## RECORDS
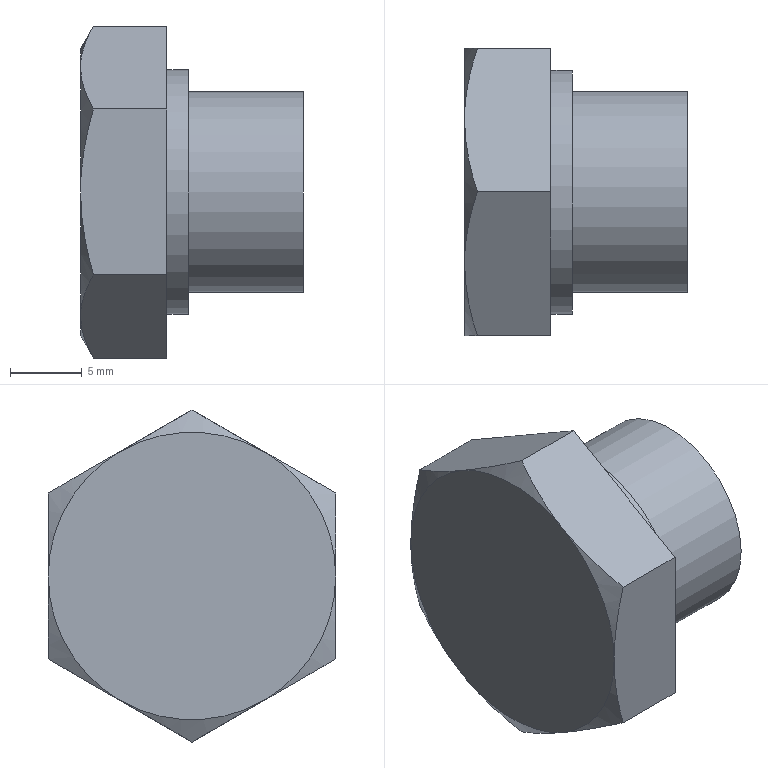Component | NX | PLUG | 1 solid | 18 faces | volume 3642 mm3 | plane 10 | cone 6 | cylinder 2 | commonest cylinder face diameters 14 x1 17 x1
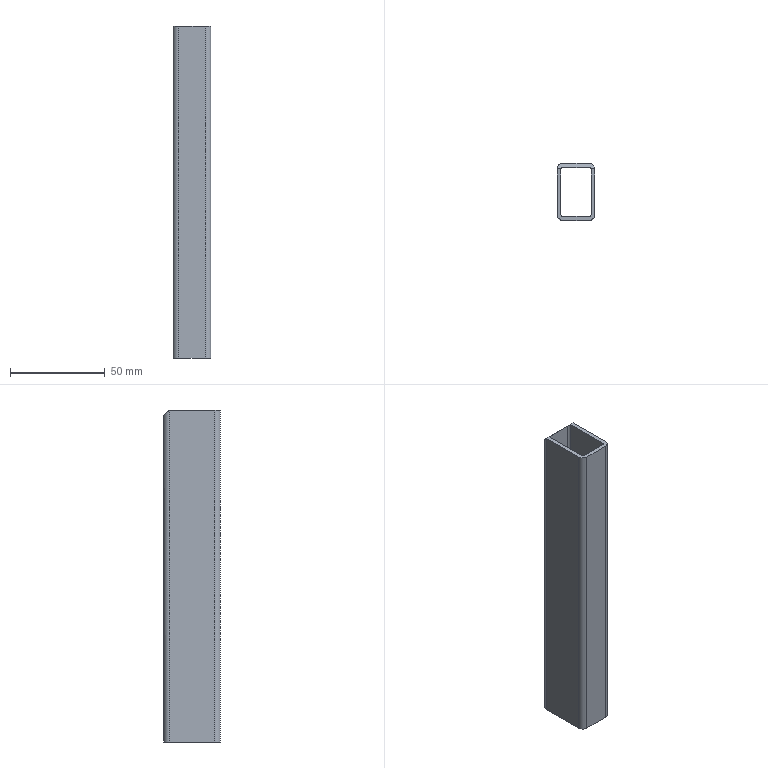Component | SolidWorks | A30x20x2RectangularColdBentHollowSectionSteel175mm-1 | 1 solid | 19 faces | box 20 x 30 x 175 mm | volume 30925 mm3 | plane 11 | cylinder 8 | commonest cylinder face diameters 6 x4 2 x4
build123d program:
from build123d import *

# Parameters (mm, degrees)
BOSS_EXTRUDE1_DEPTH     = 175
CUT_EXTRUDE1_DEPTH      = 176.926
CUT_EXTRUDE1_DEPTH_BACK = 176.926


with BuildPart() as part:
    # Sketch1_2 → Boss-Extrude1 (new body)
    with BuildSketch(Plane(origin=(0, 0, 0), x_dir=(0, 0, -1), z_dir=(1, 0, 0))):
        with BuildLine():
            Line((-6.263, 13), (6.263, 13))
            Line((6.263, 13), (7.561, 14.947))
            ThreePointArc((7.561, 14.947), (7.282, 14.987), (7, 15))
            Line((7, 15), (-7, 15))
            ThreePointArc((-7, 15), (-7.282, 14.987), (-7.561, 14.947))
            Line((-7.561, 14.947), (-6.263, 13))
        make_face()
        with BuildLine():
            Line((-10, -11.394), (-8, -8.394))
            Line((-8, -8.394), (-8, 12))
            ThreePointArc((-8, 12), (-7.707, 12.707), (-7, 13))
            Line((-7, 13), (-6.263, 13))
            Line((-6.263, 13), (-7.561, 14.947))
            ThreePointArc((-7.561, 14.947), (-9.311, 13.913), (-10, 12))
            Line((-10, 12), (-10, -11.394))
        make_face()
        with BuildLine():
            Line((8, 12), (8, -8.394))
            Line((8, -8.394), (10, -11.394))
            Line((10, -11.394), (10, 12))
            ThreePointArc((10, 12), (9.311, 13.913), (7.561, 14.947))
            Line((7.561, 14.947), (6.263, 13))
            Line((6.263, 13), (7, 13))
            ThreePointArc((7, 13), (7.707, 12.707), (8, 12))
        make_face()
        with BuildLine():
            Line((7, -13), (-7, -13))
            ThreePointArc((-7, -13), (-7.707, -12.707), (-8, -12))
            Line((-8, -12), (-8, -8.394))
            Line((-8, -8.394), (-10, -11.394))
            Line((-10, -11.394), (-10, -12))
            ThreePointArc((-10, -12), (-9.121, -14.121), (-7, -15))
            Line((-7, -15), (7, -15))
            ThreePointArc((7, -15), (9.121, -14.121), (10, -12))
            Line((10, -12), (10, -11.394))
            Line((10, -11.394), (8, -8.394))
            Line((8, -8.394), (8, -12))
            ThreePointArc((8, -12), (7.707, -12.707), (7, -13))
        make_face()
    extrude(amount=BOSS_EXTRUDE1_DEPTH)

    # Sketch1 → Cut-Extrude1 (cut, two sides: drawn at the far end of the back side and taken through both)
    with BuildSketch(Plane.XY.offset(-CUT_EXTRUDE1_DEPTH_BACK)):
        Polygon((-1, 11), (-1, 16), (4, 16), align=None)
    extrude(amount=CUT_EXTRUDE1_DEPTH + CUT_EXTRUDE1_DEPTH_BACK, mode=Mode.SUBTRACT)


solid = part.part

# Placed as in the assembly
solid = solid.moved(Location((76.629, 35.1, 413), (0, 90, 0)))
STEP:
#1=COLOUR_RGB('',0.7922,0.8196,0.9333);
#2=FILL_AREA_STYLE_COLOUR('',#1);
#3=FILL_AREA_STYLE('',(#2));
#4=SURFACE_STYLE_FILL_AREA(#3);
#5=SURFACE_SIDE_STYLE('',(#4));
#6=SURFACE_STYLE_USAGE(.BOTH.,#5);
#7=PRESENTATION_STYLE_ASSIGNMENT((#6));
#8=CARTESIAN_POINT('',(3.411,1.854,16.26));
#9=VERTEX_POINT('',#8);
#10=CARTESIAN_POINT('',(3.292,1.972,16.142));
#11=VERTEX_POINT('',#10);
#12=CARTESIAN_POINT('',(3.411,1.854,16.26));
#13=CARTESIAN_POINT('',(3.411,1.924,16.191));
#14=CARTESIAN_POINT('',(3.362,1.972,16.142));
#15=CARTESIAN_POINT('',(3.292,1.972,16.142));
#16=(BOUNDED_CURVE()B_SPLINE_CURVE(3,(#12,#13,#14,#15),.UNSPECIFIED.,.F.,.T.)B_SPLINE_CURVE_WITH_KNOTS((4,4),(1.571,3.142),.UNSPECIFIED.)CURVE()GEOMETRIC_REPRESENTATION_ITEM()RATIONAL_B_SPLINE_CURVE((1.,0.8047,0.8047,1.))REPRESENTATION_ITEM(''));
#17=EDGE_CURVE('',#9,#11,#16,.T.);
#18=ORIENTED_EDGE('',*,*,#17,.F.);
#19=CARTESIAN_POINT('',(3.411,1.854,9.37));
#20=VERTEX_POINT('',#19);
#21=CARTESIAN_POINT('',(3.411,1.854,9.37));
#22=DIRECTION('',(-0.,-0.,1.));
#23=VECTOR('',#22,39.37);
#24=LINE('',#21,#23);
#25=EDGE_CURVE('',#20,#9,#24,.T.);
#26=ORIENTED_EDGE('',*,*,#25,.F.);
#27=CARTESIAN_POINT('',(3.292,1.972,9.37));
#28=VERTEX_POINT('',#27);
#29=CARTESIAN_POINT('',(3.292,1.854,9.37));
#30=DIRECTION('',(-0.,-0.,1.));
#31=DIRECTION('',(-1.,0.,0.));
#32=AXIS2_PLACEMENT_3D('',#29,#30,#31);
#33=CIRCLE('',#32,0.1181);
#34=EDGE_CURVE('',#20,#28,#33,.T.);
#35=ORIENTED_EDGE('',*,*,#34,.T.);
#36=CARTESIAN_POINT('',(3.292,1.972,9.37));
#37=DIRECTION('',(-0.,-0.,1.));
#38=VECTOR('',#37,39.37);
#39=LINE('',#36,#38);
#40=EDGE_CURVE('',#28,#11,#39,.T.);
#41=ORIENTED_EDGE('',*,*,#40,.T.);
#42=EDGE_LOOP('',(#18,#26,#35,#41));
#43=FACE_OUTER_BOUND('',#42,.T.);
#44=CARTESIAN_POINT('',(3.292,1.854,9.37));
#45=DIRECTION('',(-0.,-0.,1.));
#46=DIRECTION('',(1.,0.,0.));
#47=AXIS2_PLACEMENT_3D('',#44,#45,#46);
#48=CYLINDRICAL_SURFACE('',#47,0.1181);
#49=ADVANCED_FACE('',(#43),#48,.T.);
#50=CARTESIAN_POINT('',(3.411,0.9094,16.26));
#51=VERTEX_POINT('',#50);
#52=CARTESIAN_POINT('',(3.411,1.382,16.26));
#53=DIRECTION('',(0.,1.,0.));
#54=VECTOR('',#53,39.37);
#55=LINE('',#52,#54);
#56=EDGE_CURVE('',#51,#9,#55,.T.);
#57=ORIENTED_EDGE('',*,*,#56,.F.);
#58=CARTESIAN_POINT('',(3.411,0.9094,9.37));
#59=VERTEX_POINT('',#58);
#60=CARTESIAN_POINT('',(3.411,0.9094,9.37));
#61=DIRECTION('',(-0.,-0.,1.));
#62=VECTOR('',#61,39.37);
#63=LINE('',#60,#62);
#64=EDGE_CURVE('',#59,#51,#63,.T.);
#65=ORIENTED_EDGE('',*,*,#64,.F.);
#66=CARTESIAN_POINT('',(3.411,1.382,9.37));
#67=DIRECTION('',(0.,1.,0.));
#68=VECTOR('',#67,39.37);
#69=LINE('',#66,#68);
#70=EDGE_CURVE('',#59,#20,#69,.T.);
#71=ORIENTED_EDGE('',*,*,#70,.T.);
#72=ORIENTED_EDGE('',*,*,#25,.T.);
#73=EDGE_LOOP('',(#57,#65,#71,#72));
#74=FACE_OUTER_BOUND('',#73,.T.);
#75=CARTESIAN_POINT('',(3.411,1.382,9.37));
#76=DIRECTION('',(1.,-0.,0.));
#77=DIRECTION('',(0.,0.,-1.));
#78=AXIS2_PLACEMENT_3D('',#75,#76,#77);
#79=PLANE('',#78);
#80=ADVANCED_FACE('',(#74),#79,.T.);
#81=CARTESIAN_POINT('',(3.292,0.7913,16.26));
#82=VERTEX_POINT('',#81);
#83=CARTESIAN_POINT('',(3.292,0.9094,16.26));
#84=DIRECTION('',(-0.,-0.,1.));
#85=DIRECTION('',(-1.,0.,0.));
#86=AXIS2_PLACEMENT_3D('',#83,#84,#85);
#87=CIRCLE('',#86,0.1181);
#88=EDGE_CURVE('',#82,#51,#87,.T.);
#89=ORIENTED_EDGE('',*,*,#88,.F.);
#90=CARTESIAN_POINT('',(3.292,0.7913,9.37));
#91=VERTEX_POINT('',#90);
#92=CARTESIAN_POINT('',(3.292,0.7913,9.37));
#93=DIRECTION('',(-0.,-0.,1.));
#94=VECTOR('',#93,39.37);
#95=LINE('',#92,#94);
#96=EDGE_CURVE('',#91,#82,#95,.T.);
#97=ORIENTED_EDGE('',*,*,#96,.F.);
#98=CARTESIAN_POINT('',(3.292,0.9094,9.37));
#99=DIRECTION('',(-0.,-0.,1.));
#100=DIRECTION('',(-1.,0.,0.));
#101=AXIS2_PLACEMENT_3D('',#98,#99,#100);
#102=CIRCLE('',#101,0.1181);
#103=EDGE_CURVE('',#91,#59,#102,.T.);
#104=ORIENTED_EDGE('',*,*,#103,.T.);
#105=ORIENTED_EDGE('',*,*,#64,.T.);
#106=EDGE_LOOP('',(#89,#97,#104,#105));
#107=FACE_OUTER_BOUND('',#106,.T.);
#108=CARTESIAN_POINT('',(3.292,0.9094,9.37));
#109=DIRECTION('',(-0.,-0.,1.));
#110=DIRECTION('',(1.,0.,0.));
#111=AXIS2_PLACEMENT_3D('',#108,#109,#110);
#112=CYLINDRICAL_SURFACE('',#111,0.1181);
#113=ADVANCED_FACE('',(#107),#112,.T.);
#114=CARTESIAN_POINT('',(2.741,0.7913,16.26));
#115=VERTEX_POINT('',#114);
#116=CARTESIAN_POINT('',(3.017,0.7913,16.26));
#117=DIRECTION('',(-1.,0.,-0.));
#118=VECTOR('',#117,39.37);
#119=LINE('',#116,#118);
#120=EDGE_CURVE('',#82,#115,#119,.T.);
#121=ORIENTED_EDGE('',*,*,#120,.T.);
#122=CARTESIAN_POINT('',(2.741,0.7913,9.37));
#123=VERTEX_POINT('',#122);
#124=CARTESIAN_POINT('',(2.741,0.7913,9.37));
#125=DIRECTION('',(-0.,-0.,1.));
#126=VECTOR('',#125,39.37);
#127=LINE('',#124,#126);
#128=EDGE_CURVE('',#123,#115,#127,.T.);
#129=ORIENTED_EDGE('',*,*,#128,.F.);
#130=CARTESIAN_POINT('',(3.017,0.7913,9.37));
#131=DIRECTION('',(-1.,0.,-0.));
#132=VECTOR('',#131,39.37);
#133=LINE('',#130,#132);
#134=EDGE_CURVE('',#91,#123,#133,.T.);
#135=ORIENTED_EDGE('',*,*,#134,.F.);
#136=ORIENTED_EDGE('',*,*,#96,.T.);
#137=EDGE_LOOP('',(#121,#129,#135,#136));
#138=FACE_OUTER_BOUND('',#137,.T.);
#139=CARTESIAN_POINT('',(3.017,0.7913,9.37));
#140=DIRECTION('',(0.,1.,0.));
#141=DIRECTION('',(1.,-0.,0.));
#142=AXIS2_PLACEMENT_3D('',#139,#140,#141);
#143=PLANE('',#142);
#144=ADVANCED_FACE('',(#138),#143,.F.);
#145=CARTESIAN_POINT('',(2.623,0.9094,16.26));
#146=VERTEX_POINT('',#145);
#147=CARTESIAN_POINT('',(2.741,0.9094,16.26));
#148=DIRECTION('',(0.,0.,-1.));
#149=DIRECTION('',(-1.,0.,0.));
#150=AXIS2_PLACEMENT_3D('',#147,#148,#149);
#151=CIRCLE('',#150,0.1181);
#152=EDGE_CURVE('',#115,#146,#151,.T.);
#153=ORIENTED_EDGE('',*,*,#152,.T.);
#154=CARTESIAN_POINT('',(2.623,0.9094,9.37));
#155=VERTEX_POINT('',#154);
#156=CARTESIAN_POINT('',(2.623,0.9094,9.37));
#157=DIRECTION('',(-0.,-0.,1.));
#158=VECTOR('',#157,39.37);
#159=LINE('',#156,#158);
#160=EDGE_CURVE('',#155,#146,#159,.T.);
#161=ORIENTED_EDGE('',*,*,#160,.F.);
#162=CARTESIAN_POINT('',(2.741,0.9094,9.37));
#163=DIRECTION('',(0.,0.,-1.));
#164=DIRECTION('',(-1.,0.,0.));
#165=AXIS2_PLACEMENT_3D('',#162,#163,#164);
#166=CIRCLE('',#165,0.1181);
#167=EDGE_CURVE('',#123,#155,#166,.T.);
#168=ORIENTED_EDGE('',*,*,#167,.F.);
#169=ORIENTED_EDGE('',*,*,#128,.T.);
#170=EDGE_LOOP('',(#153,#161,#168,#169));
#171=FACE_OUTER_BOUND('',#170,.T.);
#172=CARTESIAN_POINT('',(2.741,0.9094,9.37));
#173=DIRECTION('',(-0.,-0.,1.));
#174=DIRECTION('',(1.,0.,0.));
#175=AXIS2_PLACEMENT_3D('',#172,#173,#174);
#176=CYLINDRICAL_SURFACE('',#175,0.1181);
#177=ADVANCED_FACE('',(#171),#176,.T.);
#178=CARTESIAN_POINT('',(2.623,1.854,16.26));
#179=VERTEX_POINT('',#178);
#180=CARTESIAN_POINT('',(2.623,1.382,16.26));
#181=DIRECTION('',(0.,1.,0.));
#182=VECTOR('',#181,39.37);
#183=LINE('',#180,#182);
#184=EDGE_CURVE('',#146,#179,#183,.T.);
#185=ORIENTED_EDGE('',*,*,#184,.T.);
#186=CARTESIAN_POINT('',(2.623,1.854,9.37));
#187=VERTEX_POINT('',#186);
#188=CARTESIAN_POINT('',(2.623,1.854,9.37));
#189=DIRECTION('',(-0.,-0.,1.));
#190=VECTOR('',#189,39.37);
#191=LINE('',#188,#190);
#192=EDGE_CURVE('',#187,#179,#191,.T.);
#193=ORIENTED_EDGE('',*,*,#192,.F.);
#194=CARTESIAN_POINT('',(2.623,1.382,9.37));
#195=DIRECTION('',(0.,1.,0.));
#196=VECTOR('',#195,39.37);
#197=LINE('',#194,#196);
#198=EDGE_CURVE('',#155,#187,#197,.T.);
#199=ORIENTED_EDGE('',*,*,#198,.F.);
#200=ORIENTED_EDGE('',*,*,#160,.T.);
#201=EDGE_LOOP('',(#185,#193,#199,#200));
#202=FACE_OUTER_BOUND('',#201,.T.);
#203=CARTESIAN_POINT('',(2.623,1.382,9.37));
#204=DIRECTION('',(1.,-0.,0.));
#205=DIRECTION('',(0.,0.,-1.));
#206=AXIS2_PLACEMENT_3D('',#203,#204,#205);
#207=PLANE('',#206);
#208=ADVANCED_FACE('',(#202),#207,.F.);
#209=CARTESIAN_POINT('',(2.741,1.972,16.142));
#210=VERTEX_POINT('',#209);
#211=CARTESIAN_POINT('',(2.741,1.972,16.142));
#212=CARTESIAN_POINT('',(2.672,1.972,16.142));
#213=CARTESIAN_POINT('',(2.623,1.924,16.191));
#214=CARTESIAN_POINT('',(2.623,1.854,16.26));
#215=(BOUNDED_CURVE()B_SPLINE_CURVE(3,(#211,#212,#213,#214),.UNSPECIFIED.,.F.,.T.)B_SPLINE_CURVE_WITH_KNOTS((4,4),(3.142,4.712),.UNSPECIFIED.)CURVE()GEOMETRIC_REPRESENTATION_ITEM()RATIONAL_B_SPLINE_CURVE((1.,0.8047,0.8047,1.))REPRESENTATION_ITEM(''));
#216=EDGE_CURVE('',#210,#179,#215,.T.);
#217=ORIENTED_EDGE('',*,*,#216,.F.);
#218=CARTESIAN_POINT('',(2.741,1.972,9.37));
#219=VERTEX_POINT('',#218);
#220=CARTESIAN_POINT('',(2.741,1.972,9.37));
#221=DIRECTION('',(-0.,-0.,1.));
#222=VECTOR('',#221,39.37);
#223=LINE('',#220,#222);
#224=EDGE_CURVE('',#219,#210,#223,.T.);
#225=ORIENTED_EDGE('',*,*,#224,.F.);
#226=CARTESIAN_POINT('',(2.741,1.854,9.37));
#227=DIRECTION('',(-0.,-0.,1.));
#228=DIRECTION('',(-1.,0.,0.));
#229=AXIS2_PLACEMENT_3D('',#226,#227,#228);
#230=CIRCLE('',#229,0.1181);
#231=EDGE_CURVE('',#219,#187,#230,.T.);
#232=ORIENTED_EDGE('',*,*,#231,.T.);
#233=ORIENTED_EDGE('',*,*,#192,.T.);
#234=EDGE_LOOP('',(#217,#225,#232,#233));
#235=FACE_OUTER_BOUND('',#234,.T.);
#236=CARTESIAN_POINT('',(2.741,1.854,9.37));
#237=DIRECTION('',(-0.,-0.,1.));
#238=DIRECTION('',(1.,0.,0.));
#239=AXIS2_PLACEMENT_3D('',#236,#237,#238);
#240=CYLINDRICAL_SURFACE('',#239,0.1181);
#241=ADVANCED_FACE('',(#235),#240,.T.);
#242=CARTESIAN_POINT('',(3.292,0.8701,16.26));
#243=VERTEX_POINT('',#242);
#244=CARTESIAN_POINT('',(3.332,0.9094,16.26));
#245=VERTEX_POINT('',#244);
#246=CARTESIAN_POINT('',(3.292,0.9094,16.26));
#247=DIRECTION('',(-0.,-0.,1.));
#248=DIRECTION('',(-1.,0.,0.));
#249=AXIS2_PLACEMENT_3D('',#246,#247,#248);
#250=CIRCLE('',#249,0.03937);
#251=EDGE_CURVE('',#243,#245,#250,.T.);
#252=ORIENTED_EDGE('',*,*,#251,.T.);
#253=CARTESIAN_POINT('',(3.332,0.9094,9.37));
#254=VERTEX_POINT('',#253);
#255=CARTESIAN_POINT('',(3.332,0.9094,9.37));
#256=DIRECTION('',(-0.,-0.,1.));
#257=VECTOR('',#256,39.37);
#258=LINE('',#255,#257);
#259=EDGE_CURVE('',#254,#245,#258,.T.);
#260=ORIENTED_EDGE('',*,*,#259,.F.);
#261=CARTESIAN_POINT('',(3.292,0.8701,9.37));
#262=VERTEX_POINT('',#261);
#263=CARTESIAN_POINT('',(3.292,0.9094,9.37));
#264=DIRECTION('',(-0.,-0.,1.));
#265=DIRECTION('',(-1.,0.,0.));
#266=AXIS2_PLACEMENT_3D('',#263,#264,#265);
#267=CIRCLE('',#266,0.03937);
#268=EDGE_CURVE('',#262,#254,#267,.T.);
#269=ORIENTED_EDGE('',*,*,#268,.F.);
#270=CARTESIAN_POINT('',(3.292,0.8701,9.37));
#271=DIRECTION('',(-0.,-0.,1.));
#272=VECTOR('',#271,39.37);
#273=LINE('',#270,#272);
#274=EDGE_CURVE('',#262,#243,#273,.T.);
#275=ORIENTED_EDGE('',*,*,#274,.T.);
#276=EDGE_LOOP('',(#252,#260,#269,#275));
#277=FACE_OUTER_BOUND('',#276,.T.);
#278=CARTESIAN_POINT('',(3.292,0.9094,9.37));
#279=DIRECTION('',(-0.,-0.,1.));
#280=DIRECTION('',(1.,0.,0.));
#281=AXIS2_PLACEMENT_3D('',#278,#279,#280);
#282=CYLINDRICAL_SURFACE('',#281,0.03937);
#283=ADVANCED_FACE('',(#277),#282,.F.);
#284=CARTESIAN_POINT('',(3.332,1.854,16.26));
#285=VERTEX_POINT('',#284);
#286=CARTESIAN_POINT('',(3.332,1.382,16.26));
#287=DIRECTION('',(0.,1.,0.));
#288=VECTOR('',#287,39.37);
#289=LINE('',#286,#288);
#290=EDGE_CURVE('',#245,#285,#289,.T.);
#291=ORIENTED_EDGE('',*,*,#290,.T.);
#292=CARTESIAN_POINT('',(3.332,1.854,9.37));
#293=VERTEX_POINT('',#292);
#294=CARTESIAN_POINT('',(3.332,1.854,9.37));
#295=DIRECTION('',(-0.,-0.,1.));
#296=VECTOR('',#295,39.37);
#297=LINE('',#294,#296);
#298=EDGE_CURVE('',#293,#285,#297,.T.);
#299=ORIENTED_EDGE('',*,*,#298,.F.);
#300=CARTESIAN_POINT('',(3.332,1.382,9.37));
#301=DIRECTION('',(0.,1.,0.));
#302=VECTOR('',#301,39.37);
#303=LINE('',#300,#302);
#304=EDGE_CURVE('',#254,#293,#303,.T.);
#305=ORIENTED_EDGE('',*,*,#304,.F.);
#306=ORIENTED_EDGE('',*,*,#259,.T.);
#307=EDGE_LOOP('',(#291,#299,#305,#306));
#308=FACE_OUTER_BOUND('',#307,.T.);
#309=CARTESIAN_POINT('',(3.332,1.382,9.37));
#310=DIRECTION('',(1.,-0.,0.));
#311=DIRECTION('',(0.,0.,-1.));
#312=AXIS2_PLACEMENT_3D('',#309,#310,#311);
#313=PLANE('',#312);
#314=ADVANCED_FACE('',(#308),#313,.F.);
#315=ORIENTED_EDGE('',*,*,#298,.T.);
#316=CARTESIAN_POINT('',(3.292,1.894,16.22));
#317=VERTEX_POINT('',#316);
#318=CARTESIAN_POINT('',(3.332,1.854,16.26));
#319=CARTESIAN_POINT('',(3.332,1.877,16.237));
#320=CARTESIAN_POINT('',(3.316,1.894,16.22));
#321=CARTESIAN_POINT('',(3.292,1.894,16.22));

## YOUR OBJECTIVE
After locating the line containing "#311=DIRECTION('',(0.,0.,-1.));", write out that line and all remaining lines of the records exactly, with nothing added.

## RESPONSE TO THIS EXERCISE
#311=DIRECTION('',(0.,0.,-1.));
#312=AXIS2_PLACEMENT_3D('',#309,#310,#311);
#313=PLANE('',#312);
#314=ADVANCED_FACE('',(#308),#313,.F.);
#315=ORIENTED_EDGE('',*,*,#298,.T.);
#316=CARTESIAN_POINT('',(3.292,1.894,16.22));
#317=VERTEX_POINT('',#316);
#318=CARTESIAN_POINT('',(3.332,1.854,16.26));
#319=CARTESIAN_POINT('',(3.332,1.877,16.237));
#320=CARTESIAN_POINT('',(3.316,1.894,16.22));
#321=CARTESIAN_POINT('',(3.292,1.894,16.22));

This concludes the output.